------ The data

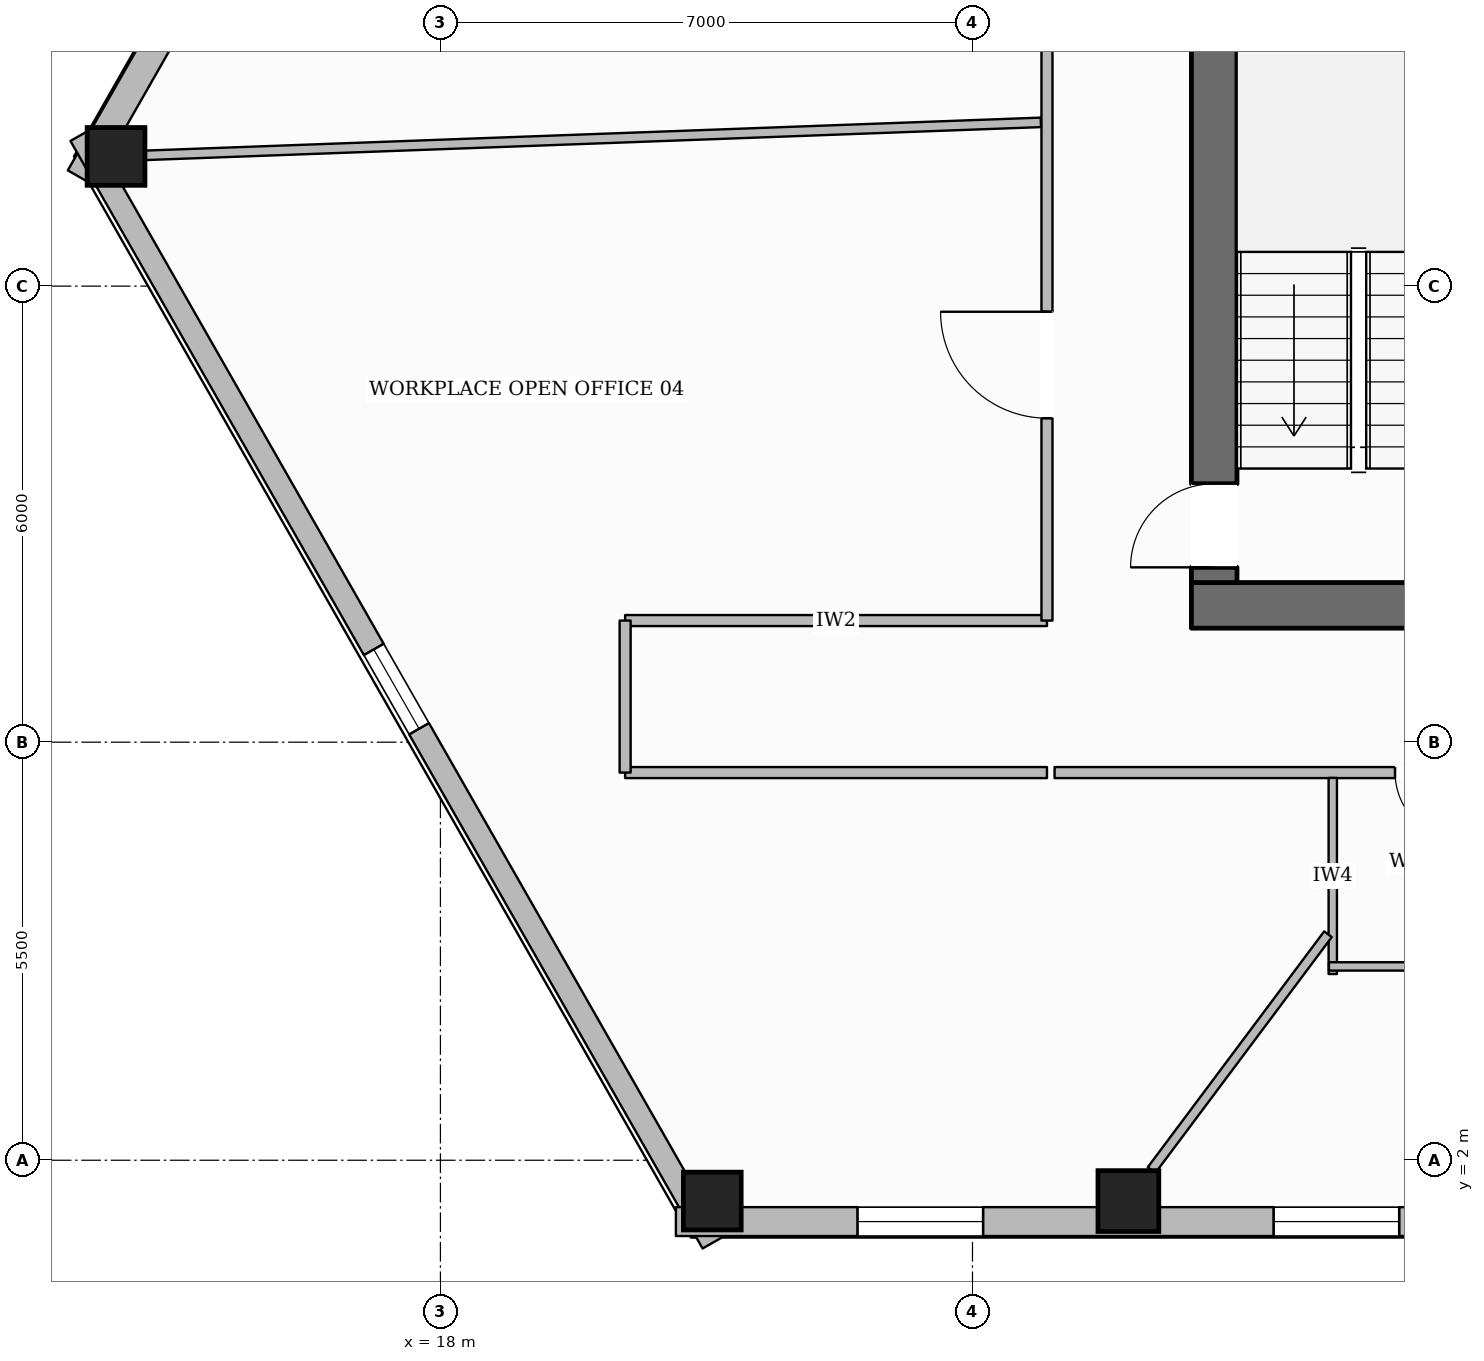
"""IFC4 building model, lengths in metres.
Left out: names, types, materials, properties, quantities, classifications, styles, units other than length and angle.
Written with IfcOpenShell. Run it as: python <this file> out.ifc"""

import sys

from ifc_helpers import new_model, si_unit, direction, frame, frame_2d, origin, origin_2d, place, context, subcontext, project, spatial, rectangle, hollow_rectangle, extrude, element, fill, save


model = new_model("IFC4")
c1 = context("Model", 3, precision=1e-05, world=origin(), true_north=direction((0.0, 1.0)))
c2 = subcontext(c1, "Body", "Model", "MODEL_VIEW")
j1 = project(units=[si_unit("LENGTHUNIT", "METRE"), si_unit("PLANEANGLEUNIT", "RADIAN")], contexts=[c1])
p1 = place(None, origin())
s1 = spatial("IfcSite", under=j1, at=p1, CompositionType="ELEMENT")
p2 = place(p1, origin())
s2 = spatial("IfcBuilding", under=s1, at=p2, CompositionType="ELEMENT")
p3 = place(p2, frame((0.0, 0.0, 29.1)))
s3 = spatial("IfcBuildingStorey", under=s2, at=p3, CompositionType="ELEMENT", Elevation=29.1)
p4 = place(p3, frame((27.88, 9.3, 0.0), z_axis=(0.0, 0.0, 1.0), x_axis=(1.0, 0.0, 0.0)))
e1 = element("IfcWall", 1, at=p4, inside=s3, PredefinedType="SOLIDWALL", context=c2, shape_type="SweptSolid", body=[
    extrude(rectangle(XDim=20.24, YDim=0.6, at=frame_2d((10.12, 0.0))), origin(), (0.0, 0.0, 1.0), 3.59),
])
p5 = place(p4, frame((10.62, 0.0, 0.0)))
e2 = element("IfcOpeningElement", 2, at=p5, cuts=e1, PredefinedType="OPENING", context=c2, shape_type="SweptSolid", body=[
    extrude(rectangle(XDim=1.4, YDim=2.2, at=frame_2d((0.7, 1.1))), frame((0.0, 0.31, 0.0), z_axis=(0.0, -1.0, 0.0), x_axis=(1.0, 0.0, 0.0)), (0.0, 0.0, 1.0), 0.62),
])
p6 = place(p3, frame((28.18, 9.6, 0.0), z_axis=(0.0, 0.0, 1.0), x_axis=(0.0, 1.0, 0.0)))
e3 = element("IfcWall", 3, at=p6, inside=s3, PredefinedType="SOLIDWALL", context=c2, shape_type="SweptSolid", body=[
    extrude(rectangle(XDim=13.0, YDim=0.6, at=frame_2d((6.5, 0.0))), origin(), (0.0, 0.0, 1.0), 3.59),
])
p7 = place(p6, frame((0.2, 0.0, 0.0)))
e4 = element("IfcOpeningElement", 4, at=p7, cuts=e3, PredefinedType="OPENING", context=c2, shape_type="SweptSolid", body=[
    extrude(rectangle(XDim=1.1, YDim=2.15, at=frame_2d((0.55, 1.075))), frame((0.0, 0.31, 0.0), z_axis=(0.0, -1.0, 0.0), x_axis=(1.0, 0.0, 0.0)), (0.0, 0.0, 1.0), 0.62),
])
p8 = place(p6, frame((8.4, 0.0, 0.0)))
e5 = element("IfcOpeningElement", 5, at=p8, cuts=e3, PredefinedType="OPENING", context=c2, shape_type="SweptSolid", body=[
    extrude(rectangle(XDim=0.9, YDim=2.1, at=frame_2d((0.45, 1.05))), frame((0.0, 0.31, 0.0), z_axis=(0.0, -1.0, 0.0), x_axis=(1.0, 0.0, 0.0)), (0.0, 0.0, 1.0), 0.62),
])
for number, where, z_axis, x_axis in (
    (6, (13.733, 15.206, 0.0), (0.0, 0.0, 1.0), (1.0, 0.0, 0.0)),
    (7, (21.577, 1.463, 0.0), (0.0, 0.0, 1.0), (1.0, 0.0, 0.0)),
):
    element("IfcColumn", number, at=place(p3, frame(where, z_axis=z_axis, x_axis=x_axis)), inside=s3, PredefinedType="COLUMN", context=c2, shape_type="SweptSolid", body=[
        extrude(hollow_rectangle(XDim=0.76, YDim=0.76, WallThickness=0.035, at=origin_2d()), origin(), (0.0, 0.0, 1.0), 3.59),
    ])
p9 = place(p3, frame((27.051, 1.463, 0.0), z_axis=(0.0, 0.0, 1.0), x_axis=(1.0, 0.0, 0.0)))
e8 = element("IfcColumn", 8, at=p9, inside=s3, PredefinedType="COLUMN", context=c2, shape_type="SweptSolid", body=[
    extrude(hollow_rectangle(XDim=0.8, YDim=0.8, WallThickness=0.036, at=origin_2d()), origin(), (0.0, 0.0, 1.0), 3.59),
])
p10 = place(p3, frame((13.263, 14.928, 0.0), z_axis=(0.0, 0.0, 1.0), x_axis=(0.495711630902, 0.868487178367, 0.0)))
e9 = element("IfcWall", 9, at=p10, inside=s3, PredefinedType="STANDARD", context=c2, shape_type="SweptSolid", body=[
    extrude(rectangle(XDim=34.092, YDim=0.38, at=frame_2d((17.046, 0.0))), origin(), (0.0, 0.0, 1.0), 2.97),
])
p11 = place(p10, frame((30.027, 0.0, 0.65)))
e10 = element("IfcOpeningElement", 10, at=p11, cuts=e9, PredefinedType="OPENING", context=c2, shape_type="SweptSolid", body=[
    extrude(rectangle(XDim=1.65, YDim=1.75, at=frame_2d((0.825, 0.875))), frame((0.0, 0.2, 0.0), z_axis=(0.0, -1.0, 0.0), x_axis=(1.0, 0.0, 0.0)), (0.0, 0.0, 1.0), 0.4),
])
p12 = place(p10, frame((24.504, 0.0, 0.65)))
e11 = element("IfcOpeningElement", 11, at=p12, cuts=e9, PredefinedType="OPENING", context=c2, shape_type="SweptSolid", body=[
    extrude(rectangle(XDim=1.65, YDim=1.75, at=frame_2d((0.825, 0.875))), frame((0.0, 0.2, 0.0), z_axis=(0.0, -1.0, 0.0), x_axis=(1.0, 0.0, 0.0)), (0.0, 0.0, 1.0), 0.4),
])
p13 = place(p10, frame((13.457, 0.0, 0.65)))
e12 = element("IfcOpeningElement", 12, at=p13, cuts=e9, PredefinedType="OPENING", context=c2, shape_type="SweptSolid", body=[
    extrude(rectangle(XDim=1.65, YDim=1.75, at=frame_2d((0.825, 0.875))), frame((0.0, 0.2, 0.0), z_axis=(0.0, -1.0, 0.0), x_axis=(1.0, 0.0, 0.0)), (0.0, 0.0, 1.0), 0.4),
])
p14 = place(p10, frame((7.934, 0.0, 0.65)))
e13 = element("IfcOpeningElement", 13, at=p14, cuts=e9, PredefinedType="OPENING", context=c2, shape_type="SweptSolid", body=[
    extrude(rectangle(XDim=1.65, YDim=1.75, at=frame_2d((0.825, 0.875))), frame((0.0, 0.2, 0.0), z_axis=(0.0, -1.0, 0.0), x_axis=(1.0, 0.0, 0.0)), (0.0, 0.0, 1.0), 0.4),
])
p15 = place(p10, frame((2.411, 0.0, 0.65)))
e14 = element("IfcOpeningElement", 14, at=p15, cuts=e9, PredefinedType="OPENING", context=c2, shape_type="SweptSolid", body=[
    extrude(rectangle(XDim=1.65, YDim=1.75, at=frame_2d((0.825, 0.875))), frame((0.0, 0.2, 0.0), z_axis=(0.0, -1.0, 0.0), x_axis=(1.0, 0.0, 0.0)), (0.0, 0.0, 1.0), 0.4),
])
p16 = place(p3, frame((21.58, 0.913, 0.0), z_axis=(0.0, 0.0, 1.0), x_axis=(-0.495706340457, 0.868490198005, 0.0)))
e15 = element("IfcWall", 15, at=p16, inside=s3, PredefinedType="STANDARD", context=c2, shape_type="SweptSolid", body=[
    extrude(rectangle(XDim=16.777, YDim=0.3, at=frame_2d((8.388, 0.0))), origin(), (0.0, 0.0, 1.0), 2.97),
])
p17 = place(p16, frame((7.789, 0.0, 0.65)))
e16 = element("IfcOpeningElement", 16, at=p17, cuts=e15, PredefinedType="OPENING", context=c2, shape_type="SweptSolid", body=[
    extrude(rectangle(XDim=1.2, YDim=1.7, at=frame_2d((0.6, 0.85))), frame((0.0, 0.16, 0.0), z_axis=(0.0, -1.0, 0.0), x_axis=(1.0, 0.0, 0.0)), (0.0, 0.0, 1.0), 0.32),
])
p18 = place(p3, frame((54.902, 1.193, 0.0), z_axis=(0.0, 0.0, 1.0), x_axis=(-1.0, 0.0, 0.0)))
e17 = element("IfcWall", 17, at=p18, inside=s3, PredefinedType="STANDARD", context=c2, shape_type="SweptSolid", body=[
    extrude(rectangle(XDim=33.804, YDim=0.38, at=frame_2d((16.902, 0.0))), origin(), (0.0, 0.0, 1.0), 2.97),
])
p19 = place(p18, frame((29.763, 0.0, 0.65)))
e18 = element("IfcOpeningElement", 18, at=p19, cuts=e17, PredefinedType="OPENING", context=c2, shape_type="SweptSolid", body=[
    extrude(rectangle(XDim=1.65, YDim=1.75, at=frame_2d((0.825, 0.875))), frame((0.0, 0.2, 0.0), z_axis=(0.0, -1.0, 0.0), x_axis=(1.0, 0.0, 0.0)), (0.0, 0.0, 1.0), 0.4),
])
p20 = place(p18, frame((24.288, 0.0, 0.65)))
e19 = element("IfcOpeningElement", 19, at=p20, cuts=e17, PredefinedType="OPENING", context=c2, shape_type="SweptSolid", body=[
    extrude(rectangle(XDim=1.65, YDim=1.75, at=frame_2d((0.825, 0.875))), frame((0.0, 0.2, 0.0), z_axis=(0.0, -1.0, 0.0), x_axis=(1.0, 0.0, 0.0)), (0.0, 0.0, 1.0), 0.4),
])
p21 = place(p18, frame((13.34, 0.0, 0.65)))
e20 = element("IfcOpeningElement", 20, at=p21, cuts=e17, PredefinedType="OPENING", context=c2, shape_type="SweptSolid", body=[
    extrude(rectangle(XDim=1.65, YDim=1.75, at=frame_2d((0.825, 0.875))), frame((0.0, 0.2, 0.0), z_axis=(0.0, -1.0, 0.0), x_axis=(1.0, 0.0, 0.0)), (0.0, 0.0, 1.0), 0.4),
])
p22 = place(p18, frame((7.865, 0.0, 0.65)))
e21 = element("IfcOpeningElement", 21, at=p22, cuts=e17, PredefinedType="OPENING", context=c2, shape_type="SweptSolid", body=[
    extrude(rectangle(XDim=1.65, YDim=1.75, at=frame_2d((0.825, 0.875))), frame((0.0, 0.2, 0.0), z_axis=(0.0, -1.0, 0.0), x_axis=(1.0, 0.0, 0.0)), (0.0, 0.0, 1.0), 0.4),
])
p23 = place(p18, frame((2.391, 0.0, 0.65)))
e22 = element("IfcOpeningElement", 22, at=p23, cuts=e17, PredefinedType="OPENING", context=c2, shape_type="SweptSolid", body=[
    extrude(rectangle(XDim=1.65, YDim=1.75, at=frame_2d((0.825, 0.875))), frame((0.0, 0.2, 0.0), z_axis=(0.0, -1.0, 0.0), x_axis=(1.0, 0.0, 0.0)), (0.0, 0.0, 1.0), 0.4),
])
p24 = place(p3, frame((20.43, 9.1, 0.0), z_axis=(0.0, 0.0, 1.0), x_axis=(1.0, 0.0, 0.0)))
e23 = element("IfcWall", 23, at=p24, inside=s3, PredefinedType="PARTITIONING", context=c2, shape_type="SweptSolid", body=[
    extrude(rectangle(XDim=5.55, YDim=0.145, at=frame_2d((2.775, 0.0))), origin(), (0.0, 0.0, 1.0), 3.59),
])
p25 = place(p3, frame((25.98, 9.1, 0.0), z_axis=(0.0, 0.0, 1.0), x_axis=(0.0, 1.0, 0.0)))
e24 = element("IfcWall", 24, at=p25, inside=s3, PredefinedType="PARTITIONING", context=c2, shape_type="SweptSolid", body=[
    extrude(rectangle(XDim=16.0, YDim=0.145, at=frame_2d((8.0, 0.0))), origin(), (0.0, 0.0, 1.0), 3.278),
])
p26 = place(p25, frame((10.491, 0.0, 0.0)))
e25 = element("IfcOpeningElement", 25, at=p26, cuts=e24, PredefinedType="OPENING", context=c2, shape_type="SweptSolid", body=[
    extrude(rectangle(XDim=1.4, YDim=2.2, at=frame_2d((0.7, 1.1))), frame((0.0, 0.083, 0.0), z_axis=(0.0, -1.0, 0.0), x_axis=(1.0, 0.0, 0.0)), (0.0, 0.0, 1.0), 0.165),
])
p27 = place(p25, frame((2.663, 0.0, 0.0)))
e26 = element("IfcOpeningElement", 26, at=p27, cuts=e24, PredefinedType="OPENING", context=c2, shape_type="SweptSolid", body=[
    extrude(rectangle(XDim=1.4, YDim=2.2, at=frame_2d((0.7, 1.1))), frame((0.0, 0.083, 0.0), z_axis=(0.0, -1.0, 0.0), x_axis=(1.0, 0.0, 0.0)), (0.0, 0.0, 1.0), 0.165),
])
p28 = place(p3, frame((49.92, 7.1, 0.0), z_axis=(0.0, 0.0, 1.0), x_axis=(-1.0, 0.0, 0.0)))
e27 = element("IfcWall", 27, at=p28, inside=s3, PredefinedType="PARTITIONING", context=c2, shape_type="SweptSolid", body=[
    extrude(rectangle(XDim=23.84, YDim=0.145, at=frame_2d((11.92, 0.0))), origin(), (0.0, 0.0, 1.0), 3.278),
])
p29 = place(p28, frame((18.48, 0.0, 0.0)))
e28 = element("IfcOpeningElement", 28, at=p29, cuts=e27, PredefinedType="OPENING", context=c2, shape_type="SweptSolid", body=[
    extrude(rectangle(XDim=0.88, YDim=2.1, at=frame_2d((0.44, 1.05))), frame((0.0, 0.083, 0.0), z_axis=(0.0, -1.0, 0.0), x_axis=(1.0, 0.0, 0.0)), (0.0, 0.0, 1.0), 0.165),
])
p30 = place(p28, frame((15.96, 0.0, 0.0)))
e29 = element("IfcOpeningElement", 29, at=p30, cuts=e27, PredefinedType="OPENING", context=c2, shape_type="SweptSolid", body=[
    extrude(rectangle(XDim=0.88, YDim=2.1, at=frame_2d((0.44, 1.05))), frame((0.0, 0.083, 0.0), z_axis=(0.0, -1.0, 0.0), x_axis=(1.0, 0.0, 0.0)), (0.0, 0.0, 1.0), 0.165),
])
p31 = place(p28, frame((13.5, 0.0, 0.0)))
e30 = element("IfcOpeningElement", 30, at=p31, cuts=e27, PredefinedType="OPENING", context=c2, shape_type="SweptSolid", body=[
    extrude(rectangle(XDim=0.96, YDim=2.1, at=frame_2d((0.48, 1.05))), frame((0.0, 0.083, 0.0), z_axis=(0.0, -1.0, 0.0), x_axis=(1.0, 0.0, 0.0)), (0.0, 0.0, 1.0), 0.165),
])
p32 = place(p28, frame((8.311, 0.0, 0.0)))
e31 = element("IfcOpeningElement", 31, at=p32, cuts=e27, PredefinedType="OPENING", context=c2, shape_type="SweptSolid", body=[
    extrude(rectangle(XDim=1.4, YDim=2.2, at=frame_2d((0.7, 1.1))), frame((0.0, 0.083, 0.0), z_axis=(0.0, -1.0, 0.0), x_axis=(1.0, 0.0, 0.0)), (0.0, 0.0, 1.0), 0.165),
])
p33 = place(p3, frame((25.98, 7.1, 0.0), z_axis=(0.0, 0.0, 1.0), x_axis=(-1.0, 0.0, 0.0)))
e32 = element("IfcWall", 32, at=p33, inside=s3, PredefinedType="PARTITIONING", context=c2, shape_type="SweptSolid", body=[
    extrude(rectangle(XDim=5.55, YDim=0.145, at=frame_2d((2.775, 0.0))), origin(), (0.0, 0.0, 1.0), 3.59),
])
p34 = place(p3, frame((20.43, 7.1, 0.0), z_axis=(0.0, 0.0, 1.0), x_axis=(0.0, 1.0, 0.0)))
e33 = element("IfcWall", 33, at=p34, inside=s3, PredefinedType="PARTITIONING", context=c2, shape_type="SweptSolid", body=[
    extrude(rectangle(XDim=2.0, YDim=0.145, at=frame_2d((1.0, 0.0))), origin(), (0.0, 0.0, 1.0), 3.59),
])
p35 = place(p3, frame((29.74, 4.45, 0.0), z_axis=(0.0, 0.0, 1.0), x_axis=(0.0, 1.0, 0.0)))
e34 = element("IfcWall", 34, at=p35, inside=s3, PredefinedType="PLUMBINGWALL", context=c2, shape_type="SweptSolid", body=[
    extrude(rectangle(XDim=2.58, YDim=0.11, at=frame_2d((1.29, 0.0))), origin(), (0.0, 0.0, 1.0), 3.59),
])
p36 = place(p3, frame((29.69, 4.55, 0.0), z_axis=(0.0, 0.0, 1.0), x_axis=(1.0, 0.0, 0.0)))
e35 = element("IfcWall", 35, at=p36, inside=s3, PredefinedType="PLUMBINGWALL", context=c2, shape_type="SweptSolid", body=[
    extrude(rectangle(XDim=7.46, YDim=0.11, at=frame_2d((3.73, 0.0))), origin(), (0.0, 0.0, 1.0), 3.59),
])
p37 = place(p3, frame((25.899, 15.654, 0.0), z_axis=(0.0, 0.0, 1.0), x_axis=(-0.999322388706, -0.036807111154, 0.0)))
e36 = element("IfcWall", 36, at=p37, inside=s3, PredefinedType="PARTITIONING", context=c2, shape_type="SweptSolid", body=[
    extrude(rectangle(XDim=11.787, YDim=0.125, at=frame_2d((5.894, 0.0))), origin(), (0.0, 0.0, 1.0), 3.057),
])
p38 = place(p3, frame((29.677, 4.973, 0.0), z_axis=(0.0, 0.0, 1.0), x_axis=(-0.598981151393, -0.800763123699, 0.0)))
e37 = element("IfcWall", 37, at=p38, inside=s3, PredefinedType="PARTITIONING", context=c2, shape_type="SweptSolid", body=[
    extrude(rectangle(XDim=3.874, YDim=0.125, at=frame_2d((1.937, 0.0))), origin(), (0.0, 0.0, 1.0), 3.59),
])
p39 = place(p19, origin())
e38 = element("IfcWindow", 38, at=p39, inside=s3, PartitioningType="SINGLE_PANEL", PredefinedType="WINDOW", context=c2, shape_type="SweptSolid", body=[
    extrude(rectangle(XDim=1.65, YDim=1.75, at=frame_2d((0.825, 0.875))), frame((0.0, 0.03, 0.0), z_axis=(0.0, -1.0, 0.0), x_axis=(1.0, 0.0, 0.0)), (0.0, 0.0, 1.0), 0.06),
])
fill(e18, e38)
p40 = place(p20, origin())
e39 = element("IfcWindow", 39, at=p40, inside=s3, PartitioningType="SINGLE_PANEL", PredefinedType="WINDOW", context=c2, shape_type="SweptSolid", body=[
    extrude(rectangle(XDim=1.65, YDim=1.75, at=frame_2d((0.825, 0.875))), frame((0.0, 0.03, 0.0), z_axis=(0.0, -1.0, 0.0), x_axis=(1.0, 0.0, 0.0)), (0.0, 0.0, 1.0), 0.06),
])
fill(e19, e39)
p41 = place(p17, origin())
e40 = element("IfcWindow", 40, at=p41, inside=s3, PartitioningType="SINGLE_PANEL", PredefinedType="WINDOW", context=c2, shape_type="SweptSolid", body=[
    extrude(rectangle(XDim=1.2, YDim=1.7, at=frame_2d((0.6, 0.85))), frame((0.0, 0.03, 0.0), z_axis=(0.0, -1.0, 0.0), x_axis=(1.0, 0.0, 0.0)), (0.0, 0.0, 1.0), 0.06),
])
fill(e16, e40)
p42 = place(p7, origin())
e41 = element("IfcDoor", 41, at=p42, inside=s3, OperationType="SINGLE_SWING_LEFT", PredefinedType="DOOR", context=c2, shape_type="SweptSolid", body=[
    extrude(rectangle(XDim=1.1, YDim=2.15, at=frame_2d((0.55, 1.075))), frame((0.0, 0.025, 0.0), z_axis=(0.0, -1.0, 0.0), x_axis=(1.0, 0.0, 0.0)), (0.0, 0.0, 1.0), 0.05),
])
fill(e4, e41)
p43 = place(p29, origin())
e42 = element("IfcDoor", 42, at=p43, inside=s3, OperationType="SINGLE_SWING_LEFT", PredefinedType="DOOR", context=c2, shape_type="SweptSolid", body=[
    extrude(rectangle(XDim=0.88, YDim=2.1, at=frame_2d((0.44, 1.05))), frame((0.0, 0.025, 0.0), z_axis=(0.0, -1.0, 0.0), x_axis=(1.0, 0.0, 0.0)), (0.0, 0.0, 1.0), 0.05),
])
fill(e28, e42)
p44 = place(p27, origin())
e43 = element("IfcDoor", 43, at=p44, inside=s3, OperationType="SINGLE_SWING_RIGHT", PredefinedType="DOOR", context=c2, shape_type="SweptSolid", body=[
    extrude(rectangle(XDim=1.4, YDim=2.2, at=frame_2d((0.7, 1.1))), frame((0.0, 0.025, 0.0), z_axis=(0.0, -1.0, 0.0), x_axis=(1.0, 0.0, 0.0)), (0.0, 0.0, 1.0), 0.05),
])
fill(e26, e43)
save(model, sys.argv[1])

------------

- _Required action_
Looking through the data above, copy out each line in which the string "number" occurs.

- _Expected output_
for number, where, z_axis, x_axis in (
    element("IfcColumn", number, at=place(p3, frame(where, z_axis=z_axis, x_axis=x_axis)), inside=s3, PredefinedType="COLUMN", context=c2, shape_type="SweptSolid", body=[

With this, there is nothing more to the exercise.